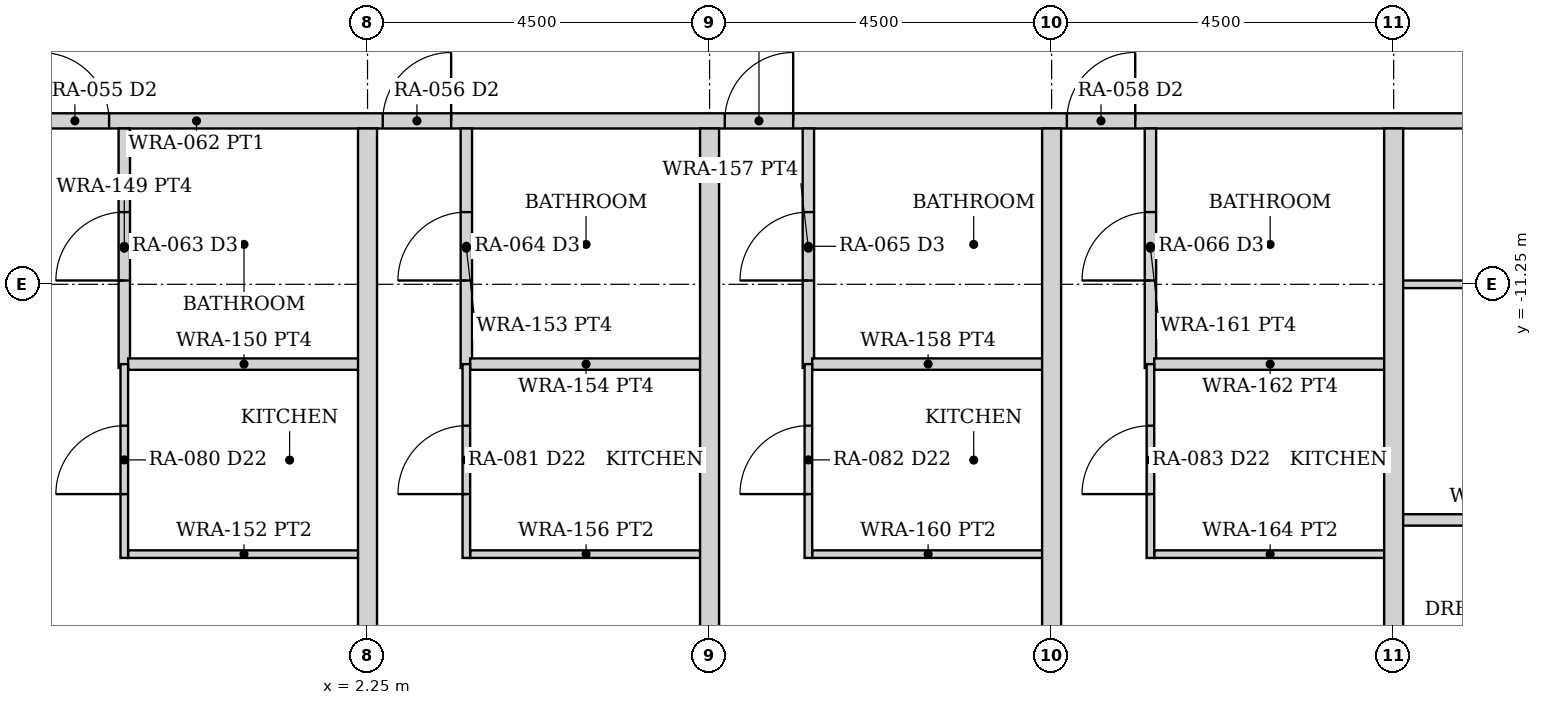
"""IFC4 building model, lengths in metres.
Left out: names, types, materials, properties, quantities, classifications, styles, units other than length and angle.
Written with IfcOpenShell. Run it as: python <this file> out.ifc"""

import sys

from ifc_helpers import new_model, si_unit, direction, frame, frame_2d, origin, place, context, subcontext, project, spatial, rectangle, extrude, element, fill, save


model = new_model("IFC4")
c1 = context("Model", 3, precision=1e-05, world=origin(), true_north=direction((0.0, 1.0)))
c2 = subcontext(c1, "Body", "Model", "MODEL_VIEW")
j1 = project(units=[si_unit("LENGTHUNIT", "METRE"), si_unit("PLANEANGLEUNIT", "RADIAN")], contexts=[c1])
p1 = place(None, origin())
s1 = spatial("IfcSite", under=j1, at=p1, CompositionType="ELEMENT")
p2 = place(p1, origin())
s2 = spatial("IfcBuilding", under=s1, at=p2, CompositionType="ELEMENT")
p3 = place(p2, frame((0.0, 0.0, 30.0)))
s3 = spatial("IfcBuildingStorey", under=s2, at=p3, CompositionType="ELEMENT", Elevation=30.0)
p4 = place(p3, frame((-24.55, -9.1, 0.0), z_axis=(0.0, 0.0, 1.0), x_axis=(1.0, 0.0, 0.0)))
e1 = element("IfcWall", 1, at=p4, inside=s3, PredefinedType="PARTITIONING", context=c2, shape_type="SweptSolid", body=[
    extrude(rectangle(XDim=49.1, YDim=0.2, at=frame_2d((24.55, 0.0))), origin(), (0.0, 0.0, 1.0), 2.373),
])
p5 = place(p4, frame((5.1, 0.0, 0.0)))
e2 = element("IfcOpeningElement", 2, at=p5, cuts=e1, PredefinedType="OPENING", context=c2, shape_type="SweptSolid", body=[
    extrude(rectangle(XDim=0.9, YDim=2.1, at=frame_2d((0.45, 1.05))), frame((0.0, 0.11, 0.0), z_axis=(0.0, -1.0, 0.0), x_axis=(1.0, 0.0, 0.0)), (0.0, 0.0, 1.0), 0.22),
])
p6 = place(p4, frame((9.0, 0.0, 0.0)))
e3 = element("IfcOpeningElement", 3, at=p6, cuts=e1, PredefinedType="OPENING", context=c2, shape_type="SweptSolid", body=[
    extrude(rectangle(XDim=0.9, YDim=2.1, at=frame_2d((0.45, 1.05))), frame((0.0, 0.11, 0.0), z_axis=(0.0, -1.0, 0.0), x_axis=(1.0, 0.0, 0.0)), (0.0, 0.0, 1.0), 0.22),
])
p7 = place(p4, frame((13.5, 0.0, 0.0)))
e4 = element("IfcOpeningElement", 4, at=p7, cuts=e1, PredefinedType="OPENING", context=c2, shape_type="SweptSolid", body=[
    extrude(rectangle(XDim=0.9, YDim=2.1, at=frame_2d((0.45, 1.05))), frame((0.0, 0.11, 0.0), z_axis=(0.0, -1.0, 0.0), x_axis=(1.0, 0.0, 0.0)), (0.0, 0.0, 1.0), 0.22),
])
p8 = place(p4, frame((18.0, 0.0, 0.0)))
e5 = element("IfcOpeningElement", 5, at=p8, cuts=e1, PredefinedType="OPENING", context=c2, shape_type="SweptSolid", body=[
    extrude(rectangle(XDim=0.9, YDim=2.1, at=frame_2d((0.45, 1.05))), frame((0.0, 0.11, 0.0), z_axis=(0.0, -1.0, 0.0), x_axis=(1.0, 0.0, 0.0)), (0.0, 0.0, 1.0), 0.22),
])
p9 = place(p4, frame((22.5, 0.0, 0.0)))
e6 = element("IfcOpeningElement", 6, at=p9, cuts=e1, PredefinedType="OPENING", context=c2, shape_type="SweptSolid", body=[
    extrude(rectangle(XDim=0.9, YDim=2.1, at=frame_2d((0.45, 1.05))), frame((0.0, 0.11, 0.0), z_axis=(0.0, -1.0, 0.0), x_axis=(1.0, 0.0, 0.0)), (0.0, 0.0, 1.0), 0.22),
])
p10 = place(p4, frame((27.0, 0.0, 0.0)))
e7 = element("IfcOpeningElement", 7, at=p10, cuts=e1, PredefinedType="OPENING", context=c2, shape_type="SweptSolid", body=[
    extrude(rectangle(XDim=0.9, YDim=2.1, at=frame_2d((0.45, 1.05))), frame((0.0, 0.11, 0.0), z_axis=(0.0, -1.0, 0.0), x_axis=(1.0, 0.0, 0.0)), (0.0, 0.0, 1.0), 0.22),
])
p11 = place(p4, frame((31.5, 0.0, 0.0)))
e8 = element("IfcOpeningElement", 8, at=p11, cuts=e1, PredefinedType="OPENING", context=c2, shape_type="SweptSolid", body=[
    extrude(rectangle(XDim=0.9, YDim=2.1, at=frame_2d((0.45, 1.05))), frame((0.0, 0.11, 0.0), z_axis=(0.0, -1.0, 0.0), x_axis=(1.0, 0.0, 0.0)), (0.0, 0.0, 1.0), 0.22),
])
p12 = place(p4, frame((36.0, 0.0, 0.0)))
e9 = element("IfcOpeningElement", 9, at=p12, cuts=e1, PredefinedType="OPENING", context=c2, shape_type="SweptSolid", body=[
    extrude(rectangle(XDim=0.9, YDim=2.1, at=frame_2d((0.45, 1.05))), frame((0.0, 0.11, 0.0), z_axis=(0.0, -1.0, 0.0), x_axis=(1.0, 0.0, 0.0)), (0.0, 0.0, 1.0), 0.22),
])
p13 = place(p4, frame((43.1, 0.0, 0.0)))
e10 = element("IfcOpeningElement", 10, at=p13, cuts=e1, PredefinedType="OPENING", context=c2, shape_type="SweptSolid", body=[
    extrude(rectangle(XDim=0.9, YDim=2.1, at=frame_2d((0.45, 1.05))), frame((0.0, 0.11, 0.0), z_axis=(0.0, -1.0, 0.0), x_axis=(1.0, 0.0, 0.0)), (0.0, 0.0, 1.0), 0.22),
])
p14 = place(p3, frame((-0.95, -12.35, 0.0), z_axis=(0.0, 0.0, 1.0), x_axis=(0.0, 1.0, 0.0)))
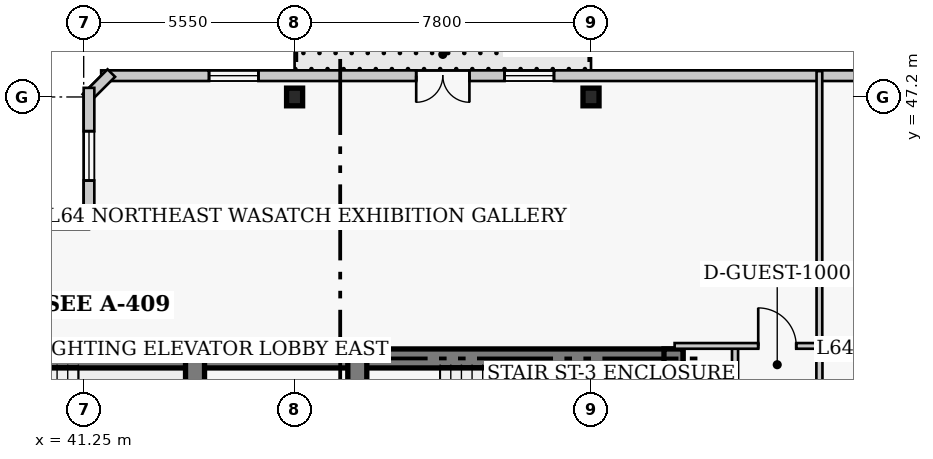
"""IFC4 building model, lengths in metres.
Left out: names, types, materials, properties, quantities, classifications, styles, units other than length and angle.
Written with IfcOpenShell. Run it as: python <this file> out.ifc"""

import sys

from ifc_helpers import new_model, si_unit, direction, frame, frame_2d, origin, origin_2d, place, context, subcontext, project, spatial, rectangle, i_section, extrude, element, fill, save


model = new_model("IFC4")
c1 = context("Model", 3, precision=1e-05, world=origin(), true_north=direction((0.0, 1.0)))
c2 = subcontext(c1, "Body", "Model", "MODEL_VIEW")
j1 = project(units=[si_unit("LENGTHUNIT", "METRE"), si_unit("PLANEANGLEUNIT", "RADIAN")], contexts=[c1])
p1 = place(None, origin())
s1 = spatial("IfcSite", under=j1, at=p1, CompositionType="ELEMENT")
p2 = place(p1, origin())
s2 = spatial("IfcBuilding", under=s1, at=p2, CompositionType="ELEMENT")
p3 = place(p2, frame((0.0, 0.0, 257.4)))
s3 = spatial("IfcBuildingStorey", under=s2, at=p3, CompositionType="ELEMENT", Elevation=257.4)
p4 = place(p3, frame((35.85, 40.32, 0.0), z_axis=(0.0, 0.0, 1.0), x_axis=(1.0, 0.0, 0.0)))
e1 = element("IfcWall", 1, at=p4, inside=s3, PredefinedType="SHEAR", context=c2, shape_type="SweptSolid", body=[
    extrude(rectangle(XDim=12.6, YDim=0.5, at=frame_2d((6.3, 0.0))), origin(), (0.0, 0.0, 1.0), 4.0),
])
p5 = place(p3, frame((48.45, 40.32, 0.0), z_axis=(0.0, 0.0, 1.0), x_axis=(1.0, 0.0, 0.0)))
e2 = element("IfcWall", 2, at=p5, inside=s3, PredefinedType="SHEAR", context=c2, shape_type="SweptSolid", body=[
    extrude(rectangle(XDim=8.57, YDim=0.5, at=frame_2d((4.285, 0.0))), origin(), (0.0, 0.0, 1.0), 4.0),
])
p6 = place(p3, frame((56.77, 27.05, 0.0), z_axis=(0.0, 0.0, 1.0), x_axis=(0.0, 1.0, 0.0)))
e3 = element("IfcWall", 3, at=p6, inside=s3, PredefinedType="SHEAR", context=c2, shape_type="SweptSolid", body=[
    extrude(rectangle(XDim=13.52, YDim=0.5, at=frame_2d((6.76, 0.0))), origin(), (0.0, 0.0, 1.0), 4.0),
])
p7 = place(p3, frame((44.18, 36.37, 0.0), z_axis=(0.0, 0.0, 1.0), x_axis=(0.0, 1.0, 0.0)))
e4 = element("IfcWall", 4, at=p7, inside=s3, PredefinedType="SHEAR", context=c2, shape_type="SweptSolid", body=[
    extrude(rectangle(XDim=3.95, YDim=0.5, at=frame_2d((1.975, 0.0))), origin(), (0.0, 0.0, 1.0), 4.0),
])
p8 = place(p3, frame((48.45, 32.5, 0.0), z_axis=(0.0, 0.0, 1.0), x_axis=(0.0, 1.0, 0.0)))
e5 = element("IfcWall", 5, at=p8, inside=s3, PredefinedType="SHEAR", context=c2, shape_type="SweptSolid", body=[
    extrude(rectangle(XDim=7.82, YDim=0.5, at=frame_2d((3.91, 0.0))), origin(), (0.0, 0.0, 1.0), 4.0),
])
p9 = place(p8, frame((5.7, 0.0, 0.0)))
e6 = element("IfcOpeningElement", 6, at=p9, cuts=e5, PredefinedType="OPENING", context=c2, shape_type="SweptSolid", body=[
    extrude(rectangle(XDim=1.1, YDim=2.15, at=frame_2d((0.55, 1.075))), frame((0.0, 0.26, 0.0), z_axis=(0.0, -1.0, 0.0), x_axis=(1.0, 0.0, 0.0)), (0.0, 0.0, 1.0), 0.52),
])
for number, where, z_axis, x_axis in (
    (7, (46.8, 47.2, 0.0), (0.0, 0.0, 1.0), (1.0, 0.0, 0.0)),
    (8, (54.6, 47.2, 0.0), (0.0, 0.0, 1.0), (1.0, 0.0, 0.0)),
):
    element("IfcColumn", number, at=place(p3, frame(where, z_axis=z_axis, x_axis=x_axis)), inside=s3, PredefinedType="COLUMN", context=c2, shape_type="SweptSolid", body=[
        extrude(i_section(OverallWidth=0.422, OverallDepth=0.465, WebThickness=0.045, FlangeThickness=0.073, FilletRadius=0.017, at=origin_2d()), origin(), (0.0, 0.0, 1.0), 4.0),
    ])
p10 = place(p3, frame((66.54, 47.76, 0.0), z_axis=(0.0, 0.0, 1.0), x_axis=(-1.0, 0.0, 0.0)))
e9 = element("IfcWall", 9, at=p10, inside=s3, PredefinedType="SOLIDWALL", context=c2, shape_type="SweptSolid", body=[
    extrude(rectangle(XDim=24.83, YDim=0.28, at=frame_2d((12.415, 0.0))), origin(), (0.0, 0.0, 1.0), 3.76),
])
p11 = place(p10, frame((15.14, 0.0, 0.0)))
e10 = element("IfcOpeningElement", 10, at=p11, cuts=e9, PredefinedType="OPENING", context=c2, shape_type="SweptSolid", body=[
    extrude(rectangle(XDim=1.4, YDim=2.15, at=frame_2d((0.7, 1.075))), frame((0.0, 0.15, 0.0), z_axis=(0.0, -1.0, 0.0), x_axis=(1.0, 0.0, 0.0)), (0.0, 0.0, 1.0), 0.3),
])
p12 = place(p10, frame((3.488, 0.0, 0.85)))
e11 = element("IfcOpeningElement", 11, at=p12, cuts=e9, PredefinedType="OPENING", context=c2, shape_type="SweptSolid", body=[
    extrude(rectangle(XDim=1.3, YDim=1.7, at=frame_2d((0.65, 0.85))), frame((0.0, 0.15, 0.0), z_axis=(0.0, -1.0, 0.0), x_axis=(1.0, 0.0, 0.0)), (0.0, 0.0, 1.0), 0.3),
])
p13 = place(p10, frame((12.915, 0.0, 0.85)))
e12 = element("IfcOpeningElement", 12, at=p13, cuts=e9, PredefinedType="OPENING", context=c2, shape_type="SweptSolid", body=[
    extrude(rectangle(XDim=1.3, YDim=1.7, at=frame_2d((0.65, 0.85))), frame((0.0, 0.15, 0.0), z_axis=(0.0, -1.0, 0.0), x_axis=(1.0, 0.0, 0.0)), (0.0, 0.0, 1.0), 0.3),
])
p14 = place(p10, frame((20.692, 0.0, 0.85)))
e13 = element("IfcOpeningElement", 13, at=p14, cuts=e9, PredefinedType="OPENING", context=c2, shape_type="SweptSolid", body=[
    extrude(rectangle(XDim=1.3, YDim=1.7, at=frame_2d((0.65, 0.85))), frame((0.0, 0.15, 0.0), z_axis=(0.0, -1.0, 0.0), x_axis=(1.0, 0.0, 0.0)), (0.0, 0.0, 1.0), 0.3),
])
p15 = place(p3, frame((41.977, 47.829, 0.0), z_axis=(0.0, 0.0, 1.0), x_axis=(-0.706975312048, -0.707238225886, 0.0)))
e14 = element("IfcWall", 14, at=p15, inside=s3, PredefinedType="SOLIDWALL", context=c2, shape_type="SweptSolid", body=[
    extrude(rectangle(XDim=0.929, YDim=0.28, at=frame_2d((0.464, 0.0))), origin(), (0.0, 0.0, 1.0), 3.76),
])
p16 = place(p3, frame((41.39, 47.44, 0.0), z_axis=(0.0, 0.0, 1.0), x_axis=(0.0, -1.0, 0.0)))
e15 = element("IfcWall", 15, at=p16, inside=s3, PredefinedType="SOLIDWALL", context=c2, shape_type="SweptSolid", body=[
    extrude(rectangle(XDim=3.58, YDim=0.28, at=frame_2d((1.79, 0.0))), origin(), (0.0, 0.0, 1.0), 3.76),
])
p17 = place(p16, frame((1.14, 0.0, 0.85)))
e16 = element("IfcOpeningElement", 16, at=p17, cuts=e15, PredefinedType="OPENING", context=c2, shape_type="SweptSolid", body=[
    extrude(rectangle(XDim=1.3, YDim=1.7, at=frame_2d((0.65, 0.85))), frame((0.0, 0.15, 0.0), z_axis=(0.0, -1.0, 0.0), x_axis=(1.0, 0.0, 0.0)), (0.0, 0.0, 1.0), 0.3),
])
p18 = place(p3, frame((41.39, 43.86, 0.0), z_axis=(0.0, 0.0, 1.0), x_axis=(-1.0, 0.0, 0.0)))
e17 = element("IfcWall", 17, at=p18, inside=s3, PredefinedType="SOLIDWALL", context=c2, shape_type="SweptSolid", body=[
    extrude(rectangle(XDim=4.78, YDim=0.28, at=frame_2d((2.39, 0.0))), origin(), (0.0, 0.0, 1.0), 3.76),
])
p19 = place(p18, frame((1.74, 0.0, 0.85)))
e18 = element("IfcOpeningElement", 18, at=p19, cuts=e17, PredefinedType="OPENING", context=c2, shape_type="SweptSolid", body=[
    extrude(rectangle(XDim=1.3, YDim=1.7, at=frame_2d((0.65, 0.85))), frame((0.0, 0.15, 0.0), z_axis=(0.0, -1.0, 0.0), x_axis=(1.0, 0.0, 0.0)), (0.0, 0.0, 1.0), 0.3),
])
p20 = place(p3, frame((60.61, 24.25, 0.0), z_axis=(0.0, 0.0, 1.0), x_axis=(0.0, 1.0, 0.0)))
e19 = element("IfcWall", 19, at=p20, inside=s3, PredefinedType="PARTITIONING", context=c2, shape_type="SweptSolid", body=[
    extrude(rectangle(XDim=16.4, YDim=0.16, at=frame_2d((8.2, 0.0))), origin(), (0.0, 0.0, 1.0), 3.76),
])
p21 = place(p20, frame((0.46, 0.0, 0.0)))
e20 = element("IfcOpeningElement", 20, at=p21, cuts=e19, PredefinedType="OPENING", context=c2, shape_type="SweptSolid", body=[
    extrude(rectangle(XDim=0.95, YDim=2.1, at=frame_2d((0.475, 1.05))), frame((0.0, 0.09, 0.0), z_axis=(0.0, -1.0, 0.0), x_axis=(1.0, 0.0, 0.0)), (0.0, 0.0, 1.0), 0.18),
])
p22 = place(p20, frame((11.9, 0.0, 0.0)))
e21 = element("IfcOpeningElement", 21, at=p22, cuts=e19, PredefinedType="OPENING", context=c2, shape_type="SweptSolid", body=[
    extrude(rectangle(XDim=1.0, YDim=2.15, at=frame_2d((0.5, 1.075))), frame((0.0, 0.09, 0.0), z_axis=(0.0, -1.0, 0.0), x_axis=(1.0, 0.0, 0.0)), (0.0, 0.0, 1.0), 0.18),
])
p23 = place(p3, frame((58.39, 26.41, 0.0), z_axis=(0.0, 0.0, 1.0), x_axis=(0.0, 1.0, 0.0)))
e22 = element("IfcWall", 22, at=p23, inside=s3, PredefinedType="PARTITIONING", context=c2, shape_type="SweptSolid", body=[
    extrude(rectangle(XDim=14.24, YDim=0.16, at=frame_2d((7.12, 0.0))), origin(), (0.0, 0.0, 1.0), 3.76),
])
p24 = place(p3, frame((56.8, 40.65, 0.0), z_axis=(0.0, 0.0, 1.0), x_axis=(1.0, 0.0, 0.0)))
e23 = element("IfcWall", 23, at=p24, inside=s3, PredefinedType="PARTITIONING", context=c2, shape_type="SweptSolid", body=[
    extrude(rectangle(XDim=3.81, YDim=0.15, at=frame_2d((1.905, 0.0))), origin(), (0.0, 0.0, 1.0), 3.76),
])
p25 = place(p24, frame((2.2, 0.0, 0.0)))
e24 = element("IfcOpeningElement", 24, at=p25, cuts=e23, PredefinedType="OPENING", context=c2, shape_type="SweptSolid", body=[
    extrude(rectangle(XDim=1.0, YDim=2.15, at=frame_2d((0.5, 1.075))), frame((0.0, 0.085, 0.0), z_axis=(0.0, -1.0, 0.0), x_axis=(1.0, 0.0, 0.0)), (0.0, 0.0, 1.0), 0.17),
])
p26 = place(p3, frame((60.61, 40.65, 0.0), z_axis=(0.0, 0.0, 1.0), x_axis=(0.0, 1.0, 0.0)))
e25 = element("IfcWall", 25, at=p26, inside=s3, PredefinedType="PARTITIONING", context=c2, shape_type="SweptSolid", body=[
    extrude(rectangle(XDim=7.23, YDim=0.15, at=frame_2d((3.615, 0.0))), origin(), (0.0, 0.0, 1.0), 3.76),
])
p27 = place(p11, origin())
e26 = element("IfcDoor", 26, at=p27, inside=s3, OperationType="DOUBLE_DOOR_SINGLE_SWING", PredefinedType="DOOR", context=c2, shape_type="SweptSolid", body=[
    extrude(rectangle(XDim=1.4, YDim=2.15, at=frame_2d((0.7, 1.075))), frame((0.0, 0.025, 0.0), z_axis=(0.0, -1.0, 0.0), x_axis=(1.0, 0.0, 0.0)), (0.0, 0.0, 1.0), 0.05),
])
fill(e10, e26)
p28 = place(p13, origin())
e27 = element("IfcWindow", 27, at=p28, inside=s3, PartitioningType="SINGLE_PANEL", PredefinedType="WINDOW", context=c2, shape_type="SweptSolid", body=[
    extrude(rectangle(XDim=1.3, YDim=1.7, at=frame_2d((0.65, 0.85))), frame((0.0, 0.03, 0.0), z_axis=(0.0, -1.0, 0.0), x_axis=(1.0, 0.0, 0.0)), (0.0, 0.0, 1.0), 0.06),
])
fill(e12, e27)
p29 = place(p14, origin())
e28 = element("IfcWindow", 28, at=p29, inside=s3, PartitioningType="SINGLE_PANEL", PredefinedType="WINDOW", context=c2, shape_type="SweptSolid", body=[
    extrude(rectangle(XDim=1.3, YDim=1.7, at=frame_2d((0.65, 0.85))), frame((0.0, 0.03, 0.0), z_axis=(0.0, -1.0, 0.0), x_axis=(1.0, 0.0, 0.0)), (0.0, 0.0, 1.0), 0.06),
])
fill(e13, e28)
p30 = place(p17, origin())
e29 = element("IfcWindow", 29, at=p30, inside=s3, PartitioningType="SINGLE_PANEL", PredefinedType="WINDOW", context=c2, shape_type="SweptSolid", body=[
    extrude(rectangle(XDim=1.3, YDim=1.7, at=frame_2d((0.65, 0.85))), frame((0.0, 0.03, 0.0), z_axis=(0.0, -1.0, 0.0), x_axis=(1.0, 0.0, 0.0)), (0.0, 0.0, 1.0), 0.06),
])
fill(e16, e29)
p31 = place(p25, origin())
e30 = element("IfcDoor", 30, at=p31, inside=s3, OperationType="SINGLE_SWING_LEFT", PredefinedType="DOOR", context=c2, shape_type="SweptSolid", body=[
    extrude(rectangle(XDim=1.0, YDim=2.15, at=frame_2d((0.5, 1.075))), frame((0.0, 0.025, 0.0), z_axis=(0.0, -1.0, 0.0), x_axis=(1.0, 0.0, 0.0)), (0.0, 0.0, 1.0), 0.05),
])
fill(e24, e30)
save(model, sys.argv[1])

-*-*-

About this exercise.
Write out the lines from the one containing "fill(e16, e29)" through the last line of the records above. Include both of those lines and nothing else.

Result.
fill(e16, e29)
p31 = place(p25, origin())
e30 = element("IfcDoor", 30, at=p31, inside=s3, OperationType="SINGLE_SWING_LEFT", PredefinedType="DOOR", context=c2, shape_type="SweptSolid", body=[
    extrude(rectangle(XDim=1.0, YDim=2.15, at=frame_2d((0.5, 1.075))), frame((0.0, 0.025, 0.0), z_axis=(0.0, -1.0, 0.0), x_axis=(1.0, 0.0, 0.0)), (0.0, 0.0, 1.0), 0.05),
])
fill(e24, e30)
save(model, sys.argv[1])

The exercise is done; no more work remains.